Problem statement | Your answer must contain each line of the listing in which "OPENING" appears, copied in full.

Task material |
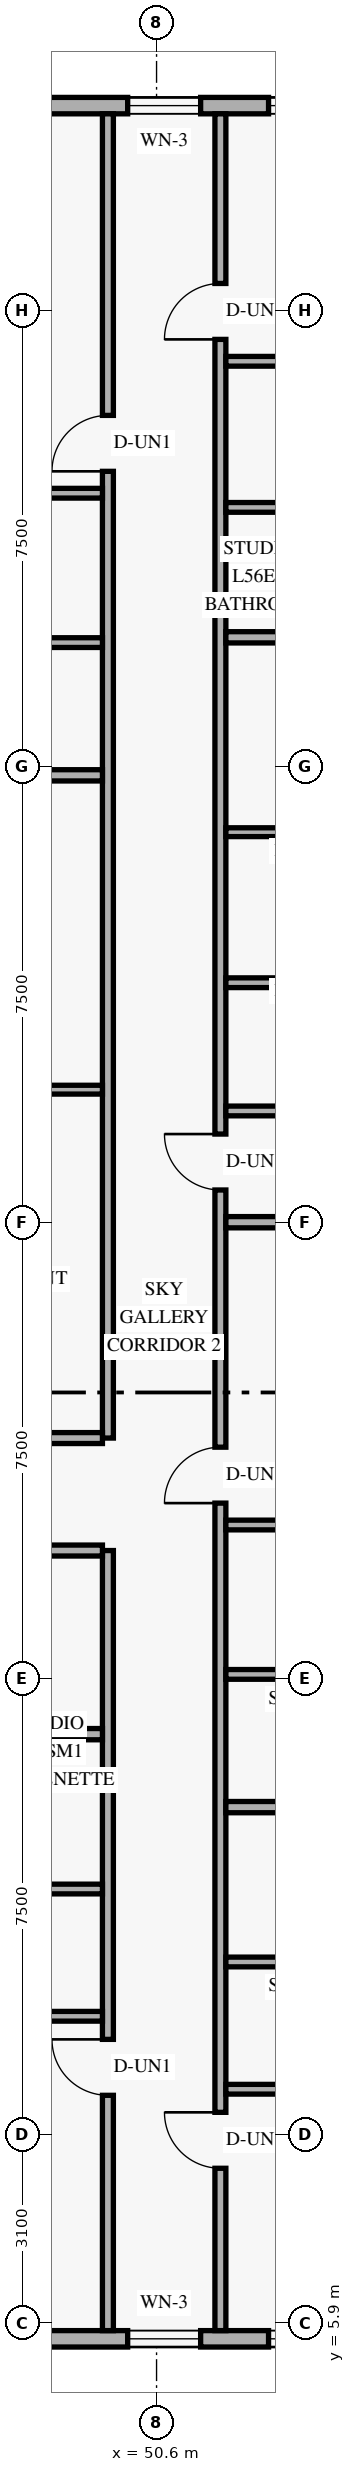
"""IFC4 building model, lengths in metres.
Left out: names, types, materials, properties, quantities, classifications, styles, units other than length and angle.
Written with IfcOpenShell. Run it as: python <this file> out.ifc"""

import sys

from ifc_helpers import new_model, si_unit, direction, frame, frame_2d, origin, place, context, subcontext, project, spatial, rectangle, extrude, element, fill, save


model = new_model("IFC4")
c1 = context("Model", 3, precision=1e-05, world=origin(), true_north=direction((0.0, 1.0)))
c2 = subcontext(c1, "Body", "Model", "MODEL_VIEW")
j1 = project(units=[si_unit("LENGTHUNIT", "METRE"), si_unit("PLANEANGLEUNIT", "RADIAN")], contexts=[c1])
p1 = place(None, origin())
s1 = spatial("IfcSite", under=j1, at=p1, CompositionType="ELEMENT")
p2 = place(p1, origin())
s2 = spatial("IfcBuilding", under=s1, at=p2, CompositionType="ELEMENT")
p3 = place(p2, frame((0.0, 0.0, 216.6)))
s3 = spatial("IfcBuildingStorey", under=s2, at=p3, CompositionType="ELEMENT", Elevation=216.6)
p4 = place(p3, frame((25.82, 5.635, 0.0), z_axis=(0.0, 0.0, 1.0), x_axis=(1.0, 0.0, 0.0)))
e1 = element("IfcWall", 1, at=p4, inside=s3, PredefinedType="SOLIDWALL", context=c2, shape_type="SweptSolid", body=[
    extrude(rectangle(XDim=32.96, YDim=0.27, at=frame_2d((16.48, 0.0))), origin(), (0.0, 0.0, 1.0), 3.36),
])
p5 = place(p4, frame((3.645, 0.0, 0.85)))
e2 = element("IfcOpeningElement", 2, at=p5, cuts=e1, PredefinedType="OPENING", context=c2, shape_type="SweptSolid", body=[
    extrude(rectangle(XDim=1.65, YDim=1.6, at=frame_2d((0.825, 0.8))), frame((0.0, 0.145, 0.0), z_axis=(0.0, -1.0, 0.0), x_axis=(1.0, 0.0, 0.0)), (0.0, 0.0, 1.0), 0.29),
])
p6 = place(p4, frame((18.863, 0.0, 0.85)))
e3 = element("IfcOpeningElement", 3, at=p6, cuts=e1, PredefinedType="OPENING", context=c2, shape_type="SweptSolid", body=[
    extrude(rectangle(XDim=1.65, YDim=1.6, at=frame_2d((0.825, 0.8))), frame((0.0, 0.145, 0.0), z_axis=(0.0, -1.0, 0.0), x_axis=(1.0, 0.0, 0.0)), (0.0, 0.0, 1.0), 0.29),
])
p7 = place(p4, frame((24.305, 0.0, 0.85)))
e4 = element("IfcOpeningElement", 4, at=p7, cuts=e1, PredefinedType="OPENING", context=c2, shape_type="SweptSolid", body=[
    extrude(rectangle(XDim=1.2, YDim=1.5, at=frame_2d((0.6, 0.75))), frame((0.0, 0.145, 0.0), z_axis=(0.0, -1.0, 0.0), x_axis=(1.0, 0.0, 0.0)), (0.0, 0.0, 1.0), 0.29),
])
p8 = place(p4, frame((26.622, 0.0, 0.85)))
e5 = element("IfcOpeningElement", 5, at=p8, cuts=e1, PredefinedType="OPENING", context=c2, shape_type="SweptSolid", body=[
    extrude(rectangle(XDim=1.65, YDim=1.6, at=frame_2d((0.825, 0.8))), frame((0.0, 0.145, 0.0), z_axis=(0.0, -1.0, 0.0), x_axis=(1.0, 0.0, 0.0)), (0.0, 0.0, 1.0), 0.29),
])
p9 = place(p3, frame((58.78, 42.365, 0.0), z_axis=(0.0, 0.0, 1.0), x_axis=(-1.0, 0.0, 0.0)))
e6 = element("IfcWall", 6, at=p9, inside=s3, PredefinedType="SOLIDWALL", context=c2, shape_type="SweptSolid", body=[
    extrude(rectangle(XDim=32.96, YDim=0.27, at=frame_2d((16.48, 0.0))), origin(), (0.0, 0.0, 1.0), 3.36),
])
p10 = place(p9, frame((27.665, 0.0, 0.85)))
e7 = element("IfcOpeningElement", 7, at=p10, cuts=e6, PredefinedType="OPENING", context=c2, shape_type="SweptSolid", body=[
    extrude(rectangle(XDim=1.65, YDim=1.6, at=frame_2d((0.825, 0.8))), frame((0.0, 0.145, 0.0), z_axis=(0.0, -1.0, 0.0), x_axis=(1.0, 0.0, 0.0)), (0.0, 0.0, 1.0), 0.29),
])
p11 = place(p9, frame((15.135, 0.0, 0.85)))
e8 = element("IfcOpeningElement", 8, at=p11, cuts=e6, PredefinedType="OPENING", context=c2, shape_type="SweptSolid", body=[
    extrude(rectangle(XDim=1.65, YDim=1.6, at=frame_2d((0.825, 0.8))), frame((0.0, 0.145, 0.0), z_axis=(0.0, -1.0, 0.0), x_axis=(1.0, 0.0, 0.0)), (0.0, 0.0, 1.0), 0.29),
])
p12 = place(p9, frame((7.455, 0.0, 0.85)))
e9 = element("IfcOpeningElement", 9, at=p12, cuts=e6, PredefinedType="OPENING", context=c2, shape_type="SweptSolid", body=[
    extrude(rectangle(XDim=1.2, YDim=1.5, at=frame_2d((0.6, 0.75))), frame((0.0, 0.145, 0.0), z_axis=(0.0, -1.0, 0.0), x_axis=(1.0, 0.0, 0.0)), (0.0, 0.0, 1.0), 0.29),
])
p13 = place(p9, frame((4.688, 0.0, 0.85)))
e10 = element("IfcOpeningElement", 10, at=p13, cuts=e6, PredefinedType="OPENING", context=c2, shape_type="SweptSolid", body=[
    extrude(rectangle(XDim=1.65, YDim=1.6, at=frame_2d((0.825, 0.8))), frame((0.0, 0.145, 0.0), z_axis=(0.0, -1.0, 0.0), x_axis=(1.0, 0.0, 0.0)), (0.0, 0.0, 1.0), 0.29),
])
p14 = place(p3, frame((49.8, 5.77, 0.0), z_axis=(0.0, 0.0, 1.0), x_axis=(0.0, 1.0, 0.0)))
e11 = element("IfcWall", 11, at=p14, inside=s3, PredefinedType="STANDARD", context=c2, shape_type="SweptSolid", body=[
    extrude(rectangle(XDim=12.83, YDim=0.18, at=frame_2d((6.415, 0.0))), origin(), (0.0, 0.0, 1.0), 2.803),
])
p15 = place(p14, frame((3.87, 0.0, 0.0)))
e12 = element("IfcOpeningElement", 12, at=p15, cuts=e11, PredefinedType="OPENING", context=c2, shape_type="SweptSolid", body=[
    extrude(rectangle(XDim=0.92, YDim=2.15, at=frame_2d((0.46, 1.075))), frame((0.0, 0.1, 0.0), z_axis=(0.0, -1.0, 0.0), x_axis=(1.0, 0.0, 0.0)), (0.0, 0.0, 1.0), 0.2),
])
p16 = place(p3, frame((49.8, 20.45, 0.0), z_axis=(0.0, 0.0, 1.0), x_axis=(0.0, 1.0, 0.0)))
e13 = element("IfcWall", 13, at=p16, inside=s3, PredefinedType="STANDARD", context=c2, shape_type="SweptSolid", body=[
    extrude(rectangle(XDim=21.78, YDim=0.18, at=frame_2d((10.89, 0.0))), origin(), (0.0, 0.0, 1.0), 2.803),
])
p17 = place(p16, frame((15.9, 0.0, 0.0)))
e14 = element("IfcOpeningElement", 14, at=p17, cuts=e13, PredefinedType="OPENING", context=c2, shape_type="SweptSolid", body=[
    extrude(rectangle(XDim=0.92, YDim=2.15, at=frame_2d((0.46, 1.075))), frame((0.0, 0.1, 0.0), z_axis=(0.0, -1.0, 0.0), x_axis=(1.0, 0.0, 0.0)), (0.0, 0.0, 1.0), 0.2),
])
p18 = place(p3, frame((37.64, 18.6, 0.0), z_axis=(0.0, 0.0, 1.0), x_axis=(1.0, 0.0, 0.0)))
e15 = element("IfcWall", 15, at=p18, inside=s3, PredefinedType="STANDARD", context=c2, shape_type="SweptSolid", body=[
    extrude(rectangle(XDim=12.07, YDim=0.18, at=frame_2d((6.035, 0.0))), origin(), (0.0, 0.0, 1.0), 2.803),
])
p19 = place(p3, frame((37.64, 20.45, 0.0), z_axis=(0.0, 0.0, 1.0), x_axis=(1.0, 0.0, 0.0)))
e16 = element("IfcWall", 16, at=p19, inside=s3, PredefinedType="STANDARD", context=c2, shape_type="SweptSolid", body=[
    extrude(rectangle(XDim=12.07, YDim=0.18, at=frame_2d((6.035, 0.0))), origin(), (0.0, 0.0, 1.0), 2.803),
])
p20 = place(p19, frame((0.32, 0.0, 0.0)))
e17 = element("IfcOpeningElement", 17, at=p20, cuts=e16, PredefinedType="OPENING", context=c2, shape_type="SweptSolid", body=[
    extrude(rectangle(XDim=0.92, YDim=2.15, at=frame_2d((0.46, 1.075))), frame((0.0, 0.1, 0.0), z_axis=(0.0, -1.0, 0.0), x_axis=(1.0, 0.0, 0.0)), (0.0, 0.0, 1.0), 0.2),
])
p21 = place(p3, frame((51.65, 5.77, 0.0), z_axis=(0.0, 0.0, 1.0), x_axis=(0.0, 1.0, 0.0)))
e18 = element("IfcWall", 18, at=p21, inside=s3, PredefinedType="STANDARD", context=c2, shape_type="SweptSolid", body=[
    extrude(rectangle(XDim=36.46, YDim=0.18, at=frame_2d((18.23, 0.0))), origin(), (0.0, 0.0, 1.0), 2.803),
])
p22 = place(p21, frame((2.67, 0.0, 0.0)))
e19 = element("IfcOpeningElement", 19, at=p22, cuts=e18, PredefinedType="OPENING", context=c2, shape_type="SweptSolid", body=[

Answer space |
e2 = element("IfcOpeningElement", 2, at=p5, cuts=e1, PredefinedType="OPENING", context=c2, shape_type="SweptSolid", body=[
e3 = element("IfcOpeningElement", 3, at=p6, cuts=e1, PredefinedType="OPENING", context=c2, shape_type="SweptSolid", body=[
e4 = element("IfcOpeningElement", 4, at=p7, cuts=e1, PredefinedType="OPENING", context=c2, shape_type="SweptSolid", body=[
e5 = element("IfcOpeningElement", 5, at=p8, cuts=e1, PredefinedType="OPENING", context=c2, shape_type="SweptSolid", body=[
e7 = element("IfcOpeningElement", 7, at=p10, cuts=e6, PredefinedType="OPENING", context=c2, shape_type="SweptSolid", body=[
e8 = element("IfcOpeningElement", 8, at=p11, cuts=e6, PredefinedType="OPENING", context=c2, shape_type="SweptSolid", body=[
e9 = element("IfcOpeningElement", 9, at=p12, cuts=e6, PredefinedType="OPENING", context=c2, shape_type="SweptSolid", body=[
e10 = element("IfcOpeningElement", 10, at=p13, cuts=e6, PredefinedType="OPENING", context=c2, shape_type="SweptSolid", body=[
e12 = element("IfcOpeningElement", 12, at=p15, cuts=e11, PredefinedType="OPENING", context=c2, shape_type="SweptSolid", body=[
e14 = element("IfcOpeningElement", 14, at=p17, cuts=e13, PredefinedType="OPENING", context=c2, shape_type="SweptSolid", body=[
e17 = element("IfcOpeningElement", 17, at=p20, cuts=e16, PredefinedType="OPENING", context=c2, shape_type="SweptSolid", body=[
e19 = element("IfcOpeningElement", 19, at=p22, cuts=e18, PredefinedType="OPENING", context=c2, shape_type="SweptSolid", body=[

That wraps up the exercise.